MATERIAL SUPPLIED:
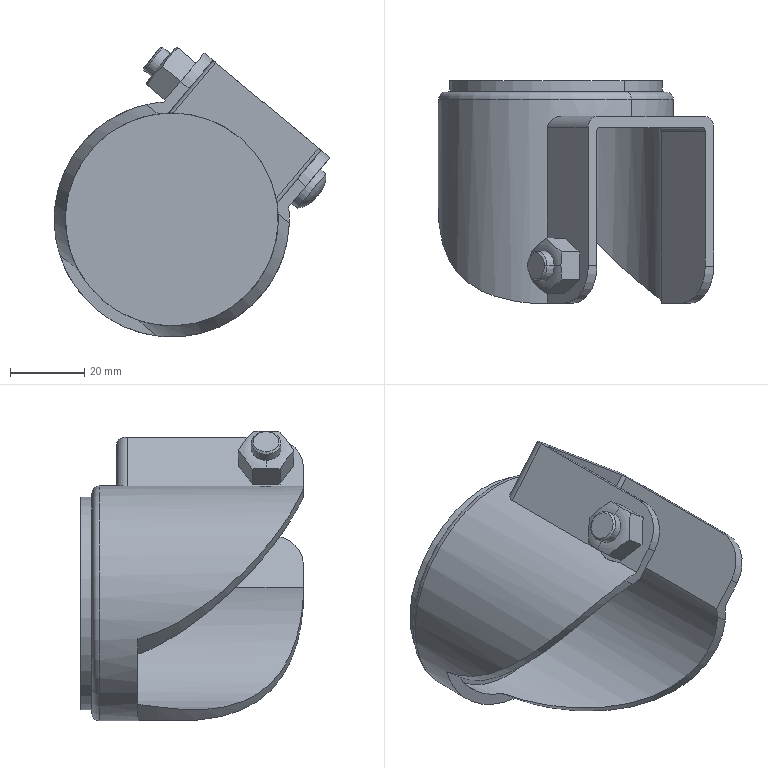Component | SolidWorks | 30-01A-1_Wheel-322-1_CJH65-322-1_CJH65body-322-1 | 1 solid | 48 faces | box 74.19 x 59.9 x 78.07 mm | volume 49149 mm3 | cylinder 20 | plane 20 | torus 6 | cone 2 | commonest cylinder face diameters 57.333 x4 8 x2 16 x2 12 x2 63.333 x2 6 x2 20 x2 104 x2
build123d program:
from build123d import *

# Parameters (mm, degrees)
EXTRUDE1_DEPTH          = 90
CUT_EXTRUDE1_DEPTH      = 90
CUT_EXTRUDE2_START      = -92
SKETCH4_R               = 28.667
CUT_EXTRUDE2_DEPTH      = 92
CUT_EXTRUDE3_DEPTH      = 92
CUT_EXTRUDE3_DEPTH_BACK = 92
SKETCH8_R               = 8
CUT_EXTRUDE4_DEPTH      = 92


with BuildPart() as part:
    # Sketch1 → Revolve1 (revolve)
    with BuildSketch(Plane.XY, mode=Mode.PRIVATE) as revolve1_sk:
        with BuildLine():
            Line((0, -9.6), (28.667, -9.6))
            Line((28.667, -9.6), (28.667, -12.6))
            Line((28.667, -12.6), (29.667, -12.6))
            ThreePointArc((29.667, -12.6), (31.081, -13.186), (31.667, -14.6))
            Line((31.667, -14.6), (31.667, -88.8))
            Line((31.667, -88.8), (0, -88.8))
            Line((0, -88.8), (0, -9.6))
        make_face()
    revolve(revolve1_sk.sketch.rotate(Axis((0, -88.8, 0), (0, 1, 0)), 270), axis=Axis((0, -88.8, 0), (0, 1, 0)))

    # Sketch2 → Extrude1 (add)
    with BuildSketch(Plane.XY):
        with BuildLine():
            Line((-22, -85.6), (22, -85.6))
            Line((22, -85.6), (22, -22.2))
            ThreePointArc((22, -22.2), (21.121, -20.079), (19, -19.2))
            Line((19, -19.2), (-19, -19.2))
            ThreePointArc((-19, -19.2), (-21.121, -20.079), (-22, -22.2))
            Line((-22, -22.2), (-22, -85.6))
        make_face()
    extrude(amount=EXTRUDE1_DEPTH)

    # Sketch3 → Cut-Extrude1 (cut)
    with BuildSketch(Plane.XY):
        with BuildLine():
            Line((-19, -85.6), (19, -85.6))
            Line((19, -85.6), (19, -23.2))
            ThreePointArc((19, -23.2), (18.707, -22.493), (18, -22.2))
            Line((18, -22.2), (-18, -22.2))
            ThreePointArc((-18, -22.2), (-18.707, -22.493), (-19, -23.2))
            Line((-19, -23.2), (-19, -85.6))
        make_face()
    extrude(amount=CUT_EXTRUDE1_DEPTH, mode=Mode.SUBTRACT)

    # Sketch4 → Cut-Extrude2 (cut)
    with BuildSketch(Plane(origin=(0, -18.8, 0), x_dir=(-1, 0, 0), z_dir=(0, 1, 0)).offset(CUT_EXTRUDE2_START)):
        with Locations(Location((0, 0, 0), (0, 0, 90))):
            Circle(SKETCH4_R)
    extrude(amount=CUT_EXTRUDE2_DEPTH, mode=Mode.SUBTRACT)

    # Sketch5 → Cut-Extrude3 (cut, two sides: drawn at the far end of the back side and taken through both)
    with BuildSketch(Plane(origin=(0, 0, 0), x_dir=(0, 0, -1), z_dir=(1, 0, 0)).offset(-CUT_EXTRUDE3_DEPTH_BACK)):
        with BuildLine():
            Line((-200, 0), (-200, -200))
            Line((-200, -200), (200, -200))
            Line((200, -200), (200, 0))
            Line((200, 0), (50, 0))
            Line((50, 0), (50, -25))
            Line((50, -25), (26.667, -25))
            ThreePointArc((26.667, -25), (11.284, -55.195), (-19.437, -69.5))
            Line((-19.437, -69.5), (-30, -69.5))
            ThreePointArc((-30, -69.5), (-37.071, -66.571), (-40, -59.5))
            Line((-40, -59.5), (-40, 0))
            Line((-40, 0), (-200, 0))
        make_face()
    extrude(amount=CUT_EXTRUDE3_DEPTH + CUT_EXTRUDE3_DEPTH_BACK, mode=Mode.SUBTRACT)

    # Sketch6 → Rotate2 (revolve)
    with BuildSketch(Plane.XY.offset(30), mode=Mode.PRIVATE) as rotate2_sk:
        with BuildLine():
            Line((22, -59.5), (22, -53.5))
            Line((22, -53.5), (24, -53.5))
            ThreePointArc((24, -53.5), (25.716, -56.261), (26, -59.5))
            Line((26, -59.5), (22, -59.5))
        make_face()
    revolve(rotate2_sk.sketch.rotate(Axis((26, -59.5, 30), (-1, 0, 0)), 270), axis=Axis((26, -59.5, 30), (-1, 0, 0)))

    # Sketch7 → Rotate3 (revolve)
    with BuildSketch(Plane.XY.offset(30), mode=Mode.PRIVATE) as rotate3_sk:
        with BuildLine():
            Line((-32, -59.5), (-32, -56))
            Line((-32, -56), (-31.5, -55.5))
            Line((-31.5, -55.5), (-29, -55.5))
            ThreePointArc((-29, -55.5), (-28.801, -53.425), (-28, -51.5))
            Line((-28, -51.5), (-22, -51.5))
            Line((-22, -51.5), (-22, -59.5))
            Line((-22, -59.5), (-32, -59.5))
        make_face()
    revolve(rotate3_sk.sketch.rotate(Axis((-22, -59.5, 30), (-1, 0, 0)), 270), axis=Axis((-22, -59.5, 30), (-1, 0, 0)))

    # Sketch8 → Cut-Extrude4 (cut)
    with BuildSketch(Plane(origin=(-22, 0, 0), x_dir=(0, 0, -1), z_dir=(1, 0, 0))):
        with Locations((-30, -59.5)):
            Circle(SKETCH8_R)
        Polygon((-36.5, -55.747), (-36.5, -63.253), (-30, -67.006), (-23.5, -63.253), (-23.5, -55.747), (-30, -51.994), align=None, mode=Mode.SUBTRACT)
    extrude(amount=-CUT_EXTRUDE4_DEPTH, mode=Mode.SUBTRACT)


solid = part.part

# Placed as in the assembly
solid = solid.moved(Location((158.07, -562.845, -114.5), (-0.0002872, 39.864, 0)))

THE TASK:
Find the lines above that include the string "Axis" and copy them.

SOLUTION TO THE PROBLEM:
    revolve(revolve1_sk.sketch.rotate(Axis((0, -88.8, 0), (0, 1, 0)), 270), axis=Axis((0, -88.8, 0), (0, 1, 0)))
    revolve(rotate2_sk.sketch.rotate(Axis((26, -59.5, 30), (-1, 0, 0)), 270), axis=Axis((26, -59.5, 30), (-1, 0, 0)))
    revolve(rotate3_sk.sketch.rotate(Axis((-22, -59.5, 30), (-1, 0, 0)), 270), axis=Axis((-22, -59.5, 30), (-1, 0, 0)))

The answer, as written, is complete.